Copy out each line of the listing below that contains the word "direction".

**Data supplied**
Segment Open
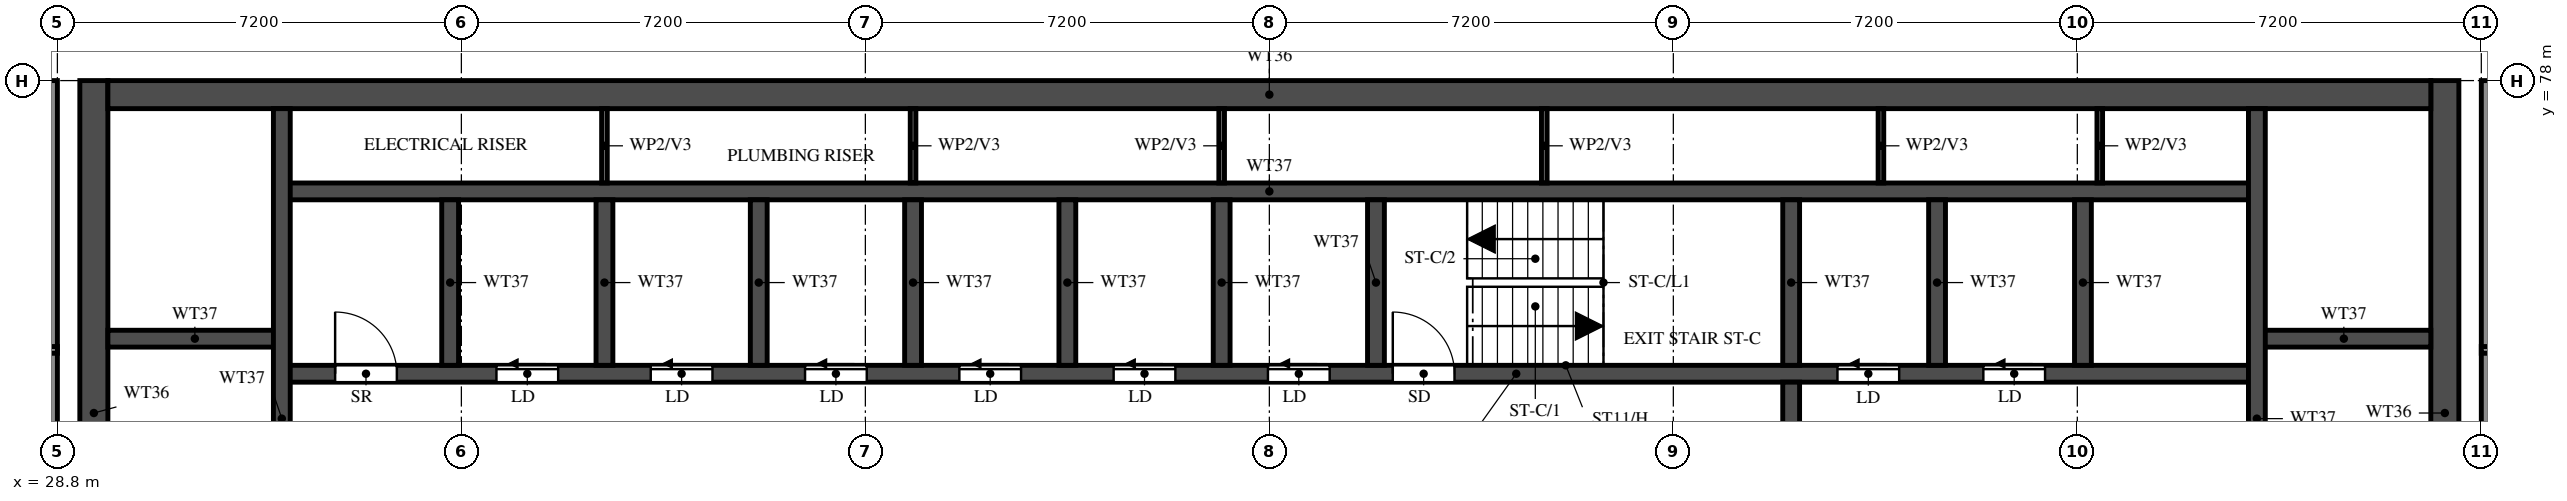
"""IFC4 building model, lengths in metres.
Left out: names, types, materials, properties, quantities, classifications, styles, units other than length and angle.
Written with IfcOpenShell. Run it as: python <this file> out.ifc"""

import sys

from ifc_helpers import new_model, si_unit, direction, frame, frame_2d, origin, place, context, subcontext, project, spatial, rectangle, extrude, element, fill, save


model = new_model("IFC4")
c1 = context("Model", 3, precision=1e-05, world=origin(), true_north=direction((0.0, 1.0)))
c2 = subcontext(c1, "Body", "Model", "MODEL_VIEW")
j1 = project(units=[si_unit("LENGTHUNIT", "METRE"), si_unit("PLANEANGLEUNIT", "RADIAN")], contexts=[c1])
p1 = place(None, origin())
s1 = spatial("IfcSite", under=j1, at=p1, CompositionType="ELEMENT")
p2 = place(p1, origin())
s2 = spatial("IfcBuilding", under=s1, at=p2, CompositionType="ELEMENT")
p3 = place(p2, frame((0.0, 0.0, 264.0)))
s3 = spatial("IfcBuildingStorey", under=s2, at=p3, CompositionType="ELEMENT", Elevation=264.0)
for number, where, z_axis, x_axis in (
    (1, (29.45, 66.15, 0.0), (0.0, 0.0, 1.0), (0.0, 1.0, 0.0)),
    (2, (71.35, 66.15, 0.0), (0.0, 0.0, 1.0), (0.0, 1.0, 0.0)),
):
    element("IfcWall", number, at=place(p3, frame(where, z_axis=z_axis, x_axis=x_axis)), inside=s3, PredefinedType="SHEAR", context=c2, shape_type="SweptSolid", body=[
        extrude(rectangle(XDim=11.85, YDim=0.5, at=frame_2d((5.925, 0.0))), origin(), (0.0, 0.0, 1.0), 3.22),
    ])
p4 = place(p3, frame((29.7, 77.75, 0.0), z_axis=(0.0, 0.0, 1.0), x_axis=(1.0, 0.0, 0.0)))
e3 = element("IfcWall", 3, at=p4, inside=s3, PredefinedType="SHEAR", context=c2, shape_type="SweptSolid", body=[
    extrude(rectangle(XDim=41.4, YDim=0.5, at=frame_2d((20.7, 0.0))), origin(), (0.0, 0.0, 1.0), 3.22),
])
p5 = place(p3, frame((32.8, 72.775, 0.0), z_axis=(0.0, 0.0, 1.0), x_axis=(1.0, 0.0, 0.0)))
e4 = element("IfcWall", 4, at=p5, inside=s3, PredefinedType="SHEAR", context=c2, shape_type="SweptSolid", body=[
    extrude(rectangle(XDim=35.2, YDim=0.3, at=frame_2d((17.6, 0.0))), origin(), (0.0, 0.0, 1.0), 3.22),
])
p6 = place(p5, frame((19.8, 0.0, 0.0)))
e5 = element("IfcOpeningElement", 5, at=p6, cuts=e4, PredefinedType="OPENING", context=c2, shape_type="SweptSolid", body=[
    extrude(rectangle(XDim=1.1, YDim=2.1, at=frame_2d((0.55, 1.05))), frame((0.0, 0.16, 0.0), z_axis=(0.0, -1.0, 0.0), x_axis=(1.0, 0.0, 0.0)), (0.0, 0.0, 1.0), 0.32),
])
p7 = place(p5, frame((27.725, 0.0, 0.0)))
e6 = element("IfcOpeningElement", 6, at=p7, cuts=e4, PredefinedType="OPENING", context=c2, shape_type="SweptSolid", body=[
    extrude(rectangle(XDim=1.1, YDim=2.1, at=frame_2d((0.55, 1.05))), frame((0.0, 0.16, 0.0), z_axis=(0.0, -1.0, 0.0), x_axis=(1.0, 0.0, 0.0)), (0.0, 0.0, 1.0), 0.32),
])
p8 = place(p5, frame((30.325, 0.0, 0.0)))
e7 = element("IfcOpeningElement", 7, at=p8, cuts=e4, PredefinedType="OPENING", context=c2, shape_type="SweptSolid", body=[
    extrude(rectangle(XDim=1.1, YDim=2.1, at=frame_2d((0.55, 1.05))), frame((0.0, 0.16, 0.0), z_axis=(0.0, -1.0, 0.0), x_axis=(1.0, 0.0, 0.0)), (0.0, 0.0, 1.0), 0.32),
])
p9 = place(p5, frame((3.825, 0.0, 0.0)))
e8 = element("IfcOpeningElement", 8, at=p9, cuts=e4, PredefinedType="OPENING", context=c2, shape_type="SweptSolid", body=[
    extrude(rectangle(XDim=1.1, YDim=2.1, at=frame_2d((0.55, 1.05))), frame((0.0, 0.16, 0.0), z_axis=(0.0, -1.0, 0.0), x_axis=(1.0, 0.0, 0.0)), (0.0, 0.0, 1.0), 0.32),
])
p10 = place(p5, frame((6.575, 0.0, 0.0)))
e9 = element("IfcOpeningElement", 9, at=p10, cuts=e4, PredefinedType="OPENING", context=c2, shape_type="SweptSolid", body=[
    extrude(rectangle(XDim=1.1, YDim=2.1, at=frame_2d((0.55, 1.05))), frame((0.0, 0.16, 0.0), z_axis=(0.0, -1.0, 0.0), x_axis=(1.0, 0.0, 0.0)), (0.0, 0.0, 1.0), 0.32),
])
p11 = place(p5, frame((9.325, 0.0, 0.0)))
e10 = element("IfcOpeningElement", 10, at=p11, cuts=e4, PredefinedType="OPENING", context=c2, shape_type="SweptSolid", body=[
    extrude(rectangle(XDim=1.1, YDim=2.1, at=frame_2d((0.55, 1.05))), frame((0.0, 0.16, 0.0), z_axis=(0.0, -1.0, 0.0), x_axis=(1.0, 0.0, 0.0)), (0.0, 0.0, 1.0), 0.32),
])
p12 = place(p5, frame((12.075, 0.0, 0.0)))
e11 = element("IfcOpeningElement", 11, at=p12, cuts=e4, PredefinedType="OPENING", context=c2, shape_type="SweptSolid", body=[
    extrude(rectangle(XDim=1.1, YDim=2.1, at=frame_2d((0.55, 1.05))), frame((0.0, 0.16, 0.0), z_axis=(0.0, -1.0, 0.0), x_axis=(1.0, 0.0, 0.0)), (0.0, 0.0, 1.0), 0.32),
])
p13 = place(p5, frame((14.825, 0.0, 0.0)))
e12 = element("IfcOpeningElement", 12, at=p13, cuts=e4, PredefinedType="OPENING", context=c2, shape_type="SweptSolid", body=[
    extrude(rectangle(XDim=1.1, YDim=2.1, at=frame_2d((0.55, 1.05))), frame((0.0, 0.16, 0.0), z_axis=(0.0, -1.0, 0.0), x_axis=(1.0, 0.0, 0.0)), (0.0, 0.0, 1.0), 0.32),
])
p14 = place(p5, frame((17.575, 0.0, 0.0)))
e13 = element("IfcOpeningElement", 13, at=p14, cuts=e4, PredefinedType="OPENING", context=c2, shape_type="SweptSolid", body=[
    extrude(rectangle(XDim=1.1, YDim=2.1, at=frame_2d((0.55, 1.05))), frame((0.0, 0.16, 0.0), z_axis=(0.0, -1.0, 0.0), x_axis=(1.0, 0.0, 0.0)), (0.0, 0.0, 1.0), 0.32),
])
p15 = place(p5, frame((0.95, 0.0, 0.0)))
e14 = element("IfcOpeningElement", 14, at=p15, cuts=e4, PredefinedType="OPENING", context=c2, shape_type="SweptSolid", body=[
    extrude(rectangle(XDim=1.1, YDim=2.1, at=frame_2d((0.55, 1.05))), frame((0.0, 0.16, 0.0), z_axis=(0.0, -1.0, 0.0), x_axis=(1.0, 0.0, 0.0)), (0.0, 0.0, 1.0), 0.32),
])
p16 = place(p3, frame((32.8, 76.025, 0.0), z_axis=(0.0, 0.0, 1.0), x_axis=(1.0, 0.0, 0.0)))
e15 = element("IfcWall", 15, at=p16, inside=s3, PredefinedType="SHEAR", context=c2, shape_type="SweptSolid", body=[
    extrude(rectangle(XDim=35.2, YDim=0.3, at=frame_2d((17.6, 0.0))), origin(), (0.0, 0.0, 1.0), 3.22),
])
for number, where, z_axis, x_axis in (
    (16, (29.7, 73.4, 0.0), (0.0, 0.0, 1.0), (1.0, 0.0, 0.0)),
    (17, (68.0, 73.4, 0.0), (0.0, 0.0, 1.0), (1.0, 0.0, 0.0)),
):
    element("IfcWall", number, at=place(p3, frame(where, z_axis=z_axis, x_axis=x_axis)), inside=s3, PredefinedType="SHEAR", context=c2, shape_type="SweptSolid", body=[
        extrude(rectangle(XDim=3.1, YDim=0.3, at=frame_2d((1.55, 0.0))), origin(), (0.0, 0.0, 1.0), 3.22),
    ])
p17 = place(p3, frame((32.8, 66.45, 0.0), z_axis=(0.0, 0.0, 1.0), x_axis=(0.0, 1.0, 0.0)))
e18 = element("IfcWall", 18, at=p17, inside=s3, PredefinedType="SHEAR", context=c2, shape_type="SweptSolid", body=[
    extrude(rectangle(XDim=11.05, YDim=0.3, at=frame_2d((5.525, 0.0))), origin(), (0.0, 0.0, 1.0), 3.22),
])
p18 = place(p3, frame((68.0, 66.45, 0.0), z_axis=(0.0, 0.0, 1.0), x_axis=(0.0, 1.0, 0.0)))
e19 = element("IfcWall", 19, at=p18, inside=s3, PredefinedType="SHEAR", context=c2, shape_type="SweptSolid", body=[
    extrude(rectangle(XDim=11.05, YDim=0.3, at=frame_2d((5.525, 0.0))), origin(), (0.0, 0.0, 1.0), 3.22),
])
p19 = place(p18, frame((0.15, 0.0, 0.0)))
e20 = element("IfcOpeningElement", 20, at=p19, cuts=e19, PredefinedType="OPENING", context=c2, shape_type="SweptSolid", body=[
    extrude(rectangle(XDim=1.1, YDim=2.1, at=frame_2d((0.55, 1.05))), frame((0.0, 0.16, 0.0), z_axis=(0.0, -1.0, 0.0), x_axis=(1.0, 0.0, 0.0)), (0.0, 0.0, 1.0), 0.32),
])
p20 = place(p3, frame((59.7, 66.45, 0.0), z_axis=(0.0, 0.0, 1.0), x_axis=(0.0, 1.0, 0.0)))
e21 = element("IfcWall", 21, at=p20, inside=s3, PredefinedType="SHEAR", context=c2, shape_type="SweptSolid", body=[
    extrude(rectangle(XDim=6.175, YDim=0.3, at=frame_2d((3.087, 0.0))), origin(), (0.0, 0.0, 1.0), 3.22),
])
p21 = place(p20, frame((3.85, 0.0, 0.0)))
e22 = element("IfcOpeningElement", 22, at=p21, cuts=e21, PredefinedType="OPENING", context=c2, shape_type="SweptSolid", body=[
    extrude(rectangle(XDim=1.2, YDim=2.1, at=frame_2d((0.6, 1.05))), frame((0.0, 0.16, 0.0), z_axis=(0.0, -1.0, 0.0), x_axis=(1.0, 0.0, 0.0)), (0.0, 0.0, 1.0), 0.32),
])
for number, where, z_axis, x_axis in (
    (23, (59.7, 72.925, 0.0), (0.0, 0.0, 1.0), (0.0, 1.0, 0.0)),
    (24, (35.8, 72.925, 0.0), (0.0, 0.0, 1.0), (0.0, 1.0, 0.0)),
    (25, (38.55, 72.925, 0.0), (0.0, 0.0, 1.0), (0.0, 1.0, 0.0)),
    (26, (41.3, 72.925, 0.0), (0.0, 0.0, 1.0), (0.0, 1.0, 0.0)),
    (27, (44.05, 72.925, 0.0), (0.0, 0.0, 1.0), (0.0, 1.0, 0.0)),
    (28, (46.8, 72.925, 0.0), (0.0, 0.0, 1.0), (0.0, 1.0, 0.0)),
    (29, (49.55, 72.925, 0.0), (0.0, 0.0, 1.0), (0.0, 1.0, 0.0)),
    (30, (52.3, 72.925, 0.0), (0.0, 0.0, 1.0), (0.0, 1.0, 0.0)),
    (31, (62.3, 72.925, 0.0), (0.0, 0.0, 1.0), (0.0, 1.0, 0.0)),
    (32, (64.9, 72.925, 0.0), (0.0, 0.0, 1.0), (0.0, 1.0, 0.0)),
):
    element("IfcWall", number, at=place(p3, frame(where, z_axis=z_axis, x_axis=x_axis)), inside=s3, PredefinedType="SHEAR", context=c2, shape_type="SweptSolid", body=[
        extrude(rectangle(XDim=2.95, YDim=0.3, at=frame_2d((1.475, 0.0))), origin(), (0.0, 0.0, 1.0), 3.22),
    ])
for number, where, z_axis, x_axis in (
    (33, (38.55, 76.175, 0.0), (0.0, 0.0, 1.0), (0.0, 1.0, 0.0)),
    (34, (44.05, 76.175, 0.0), (0.0, 0.0, 1.0), (0.0, 1.0, 0.0)),
    (35, (49.55, 76.175, 0.0), (0.0, 0.0, 1.0), (0.0, 1.0, 0.0)),
    (36, (55.3, 76.175, 0.0), (0.0, 0.0, 1.0), (0.0, 1.0, 0.0)),
    (37, (61.3, 76.175, 0.0), (0.0, 0.0, 1.0), (0.0, 1.0, 0.0)),
    (38, (65.2, 76.175, 0.0), (0.0, 0.0, 1.0), (0.0, 1.0, 0.0)),
):
    element("IfcWall", number, at=place(p3, frame(where, z_axis=z_axis, x_axis=x_axis)), inside=s3, PredefinedType="PARTITIONING", context=c2, shape_type="SweptSolid", body=[
        extrude(rectangle(XDim=1.325, YDim=0.1, at=frame_2d((0.663, 0.0))), origin(), (0.0, 0.0, 1.0), 3.22),
    ])
for number, where, z_axis, x_axis in (
    (39, (28.7, 62.4, 0.0), (0.0, 0.0, 1.0), (0.0, 1.0, 0.0)),
    (40, (72.1, 62.4, 0.0), (0.0, 0.0, 1.0), (0.0, 1.0, 0.0)),
):
    element("IfcWall", number, at=place(p3, frame(where, z_axis=z_axis, x_axis=x_axis)), inside=s3, PredefinedType="SOLIDWALL", context=c2, shape_type="SweptSolid", body=[
        extrude(rectangle(XDim=15.6, YDim=0.2, at=frame_2d((7.8, 0.0))), origin(), (0.0, 0.0, 1.0), 3.22),
    ])
p22 = place(p3, frame((18.525, 73.2, 0.0), z_axis=(0.0, 0.0, 1.0), x_axis=(1.0, 0.0, 0.0)))
e41 = element("IfcWall", 41, at=p22, inside=s3, PredefinedType="PARTITIONING", context=c2, shape_type="SweptSolid", body=[
    extrude(rectangle(XDim=10.275, YDim=0.12, at=frame_2d((5.138, 0.0))), origin(), (0.0, 0.0, 1.0), 2.32),
])
p23 = place(p22, frame((5.275, 0.0, 0.0)))
e42 = element("IfcOpeningElement", 42, at=p23, cuts=e41, PredefinedType="OPENING", context=c2, shape_type="SweptSolid", body=[
    extrude(rectangle(XDim=0.9, YDim=2.1, at=frame_2d((0.45, 1.05))), frame((0.0, 0.07, 0.0), z_axis=(0.0, -1.0, 0.0), x_axis=(1.0, 0.0, 0.0)), (0.0, 0.0, 1.0), 0.14),
])
p24 = place(p3, frame((72.0, 73.2, 0.0), z_axis=(0.0, 0.0, 1.0), x_axis=(1.0, 0.0, 0.0)))
e43 = element("IfcWall", 43, at=p24, inside=s3, PredefinedType="PARTITIONING", context=c2, shape_type="SweptSolid", body=[
    extrude(rectangle(XDim=10.275, YDim=0.12, at=frame_2d((5.137, 0.0))), origin(), (0.0, 0.0, 1.0), 2.32),
])
p25 = place(p24, frame((4.1, 0.0, 0.0)))
e44 = element("IfcOpeningElement", 44, at=p25, cuts=e43, PredefinedType="OPENING", context=c2, shape_type="SweptSolid", body=[
    extrude(rectangle(XDim=0.9, YDim=2.1, at=frame_2d((0.45, 1.05))), frame((0.0, 0.07, 0.0), z_axis=(0.0, -1.0, 0.0), x_axis=(1.0, 0.0, 0.0)), (0.0, 0.0, 1.0), 0.14),
])
p26 = place(p6, origin())
e45 = element("IfcDoor", 45, at=p26, inside=s3, OperationType="SINGLE_SWING_LEFT", PredefinedType="DOOR", context=c2, shape_type="SweptSolid", body=[
    extrude(rectangle(XDim=1.1, YDim=2.1, at=frame_2d((0.55, 1.05))), frame((0.0, 0.025, 0.0), z_axis=(0.0, -1.0, 0.0), x_axis=(1.0, 0.0, 0.0)), (0.0, 0.0, 1.0), 0.05),
])
fill(e5, e45)
p27 = place(p7, origin())
e46 = element("IfcDoor", 46, at=p27, inside=s3, OperationType="SLIDING_TO_LEFT", PredefinedType="DOOR", context=c2, shape_type="SweptSolid", body=[
    extrude(rectangle(XDim=1.1, YDim=2.1, at=frame_2d((0.55, 1.05))), frame((0.0, 0.025, 0.0), z_axis=(0.0, -1.0, 0.0), x_axis=(1.0, 0.0, 0.0)), (0.0, 0.0, 1.0), 0.05),
])
fill(e6, e46)
p28 = place(p8, origin())
e47 = element("IfcDoor", 47, at=p28, inside=s3, OperationType="SLIDING_TO_LEFT", PredefinedType="DOOR", context=c2, shape_type="SweptSolid", body=[
    extrude(rectangle(XDim=1.1, YDim=2.1, at=frame_2d((0.55, 1.05))), frame((0.0, 0.025, 0.0), z_axis=(0.0, -1.0, 0.0), x_axis=(1.0, 0.0, 0.0)), (0.0, 0.0, 1.0), 0.05),
])
fill(e7, e47)
p29 = place(p9, origin())
e48 = element("IfcDoor", 48, at=p29, inside=s3, OperationType="SLIDING_TO_LEFT", PredefinedType="DOOR", context=c2, shape_type="SweptSolid", body=[
    extrude(rectangle(XDim=1.1, YDim=2.1, at=frame_2d((0.55, 1.05))), frame((0.0, 0.025, 0.0), z_axis=(0.0, -1.0, 0.0), x_axis=(1.0, 0.0, 0.0)), (0.0, 0.0, 1.0), 0.05),
])
fill(e8, e48)
p30 = place(p10, origin())
e49 = element("IfcDoor", 49, at=p30, inside=s3, OperationType="SLIDING_TO_LEFT", PredefinedType="DOOR", context=c2, shape_type="SweptSolid", body=[
    extrude(rectangle(XDim=1.1, YDim=2.1, at=frame_2d((0.55, 1.05))), frame((0.0, 0.025, 0.0), z_axis=(0.0, -1.0, 0.0), x_axis=(1.0, 0.0, 0.0)), (0.0, 0.0, 1.0), 0.05),
])
fill(e9, e49)
p31 = place(p11, origin())
e50 = element("IfcDoor", 50, at=p31, inside=s3, OperationType="SLIDING_TO_LEFT", PredefinedType="DOOR", context=c2, shape_type="SweptSolid", body=[
    extrude(rectangle(XDim=1.1, YDim=2.1, at=frame_2d((0.55, 1.05))), frame((0.0, 0.025, 0.0), z_axis=(0.0, -1.0, 0.0), x_axis=(1.0, 0.0, 0.0)), (0.0, 0.0, 1.0), 0.05),
])
fill(e10, e50)
p32 = place(p12, origin())
e51 = element("IfcDoor", 51, at=p32, inside=s3, OperationType="SLIDING_TO_LEFT", PredefinedType="DOOR", context=c2, shape_type="SweptSolid", body=[
    extrude(rectangle(XDim=1.1, YDim=2.1, at=frame_2d((0.55, 1.05))), frame((0.0, 0.025, 0.0), z_axis=(0.0, -1.0, 0.0), x_axis=(1.0, 0.0, 0.0)), (0.0, 0.0, 1.0), 0.05),
])
fill(e11, e51)
p33 = place(p13, origin())
e52 = element("IfcDoor", 52, at=p33, inside=s3, OperationType="SLIDING_TO_LEFT", PredefinedType="DOOR", context=c2, shape_type="SweptSolid", body=[
    extrude(rectangle(XDim=1.1, YDim=2.1, at=frame_2d((0.55, 1.05))), frame((0.0, 0.025, 0.0), z_axis=(0.0, -1.0, 0.0), x_axis=(1.0, 0.0, 0.0)), (0.0, 0.0, 1.0), 0.05),
])
fill(e12, e52)
p34 = place(p14, origin())
e53 = element("IfcDoor", 53, at=p34, inside=s3, OperationType="SLIDING_TO_LEFT", PredefinedType="DOOR", context=c2, shape_type="SweptSolid", body=[
    extrude(rectangle(XDim=1.1, YDim=2.1, at=frame_2d((0.55, 1.05))), frame((0.0, 0.025, 0.0), z_axis=(0.0, -1.0, 0.0), x_axis=(1.0, 0.0, 0.0)), (0.0, 0.0, 1.0), 0.05),
])
fill(e13, e53)
p35 = place(p15, origin())
e54 = element("IfcDoor", 54, at=p35, inside=s3, OperationType="SINGLE_SWING_LEFT", PredefinedType="DOOR", context=c2, shape_type="SweptSolid", body=[
    extrude(rectangle(XDim=1.1, YDim=2.1, at=frame_2d((0.55, 1.05))), frame((0.0, 0.025, 0.0), z_axis=(0.0, -1.0, 0.0), x_axis=(1.0, 0.0, 0.0)), (0.0, 0.0, 1.0), 0.05),
])
fill(e14, e54)
save(model, sys.argv[1])
Segment Closed
**Reply to the task**
from ifc_helpers import new_model, si_unit, direction, frame, frame_2d, origin, place, context, subcontext, project, spatial, rectangle, extrude, element, fill, save
c1 = context("Model", 3, precision=1e-05, world=origin(), true_north=direction((0.0, 1.0)))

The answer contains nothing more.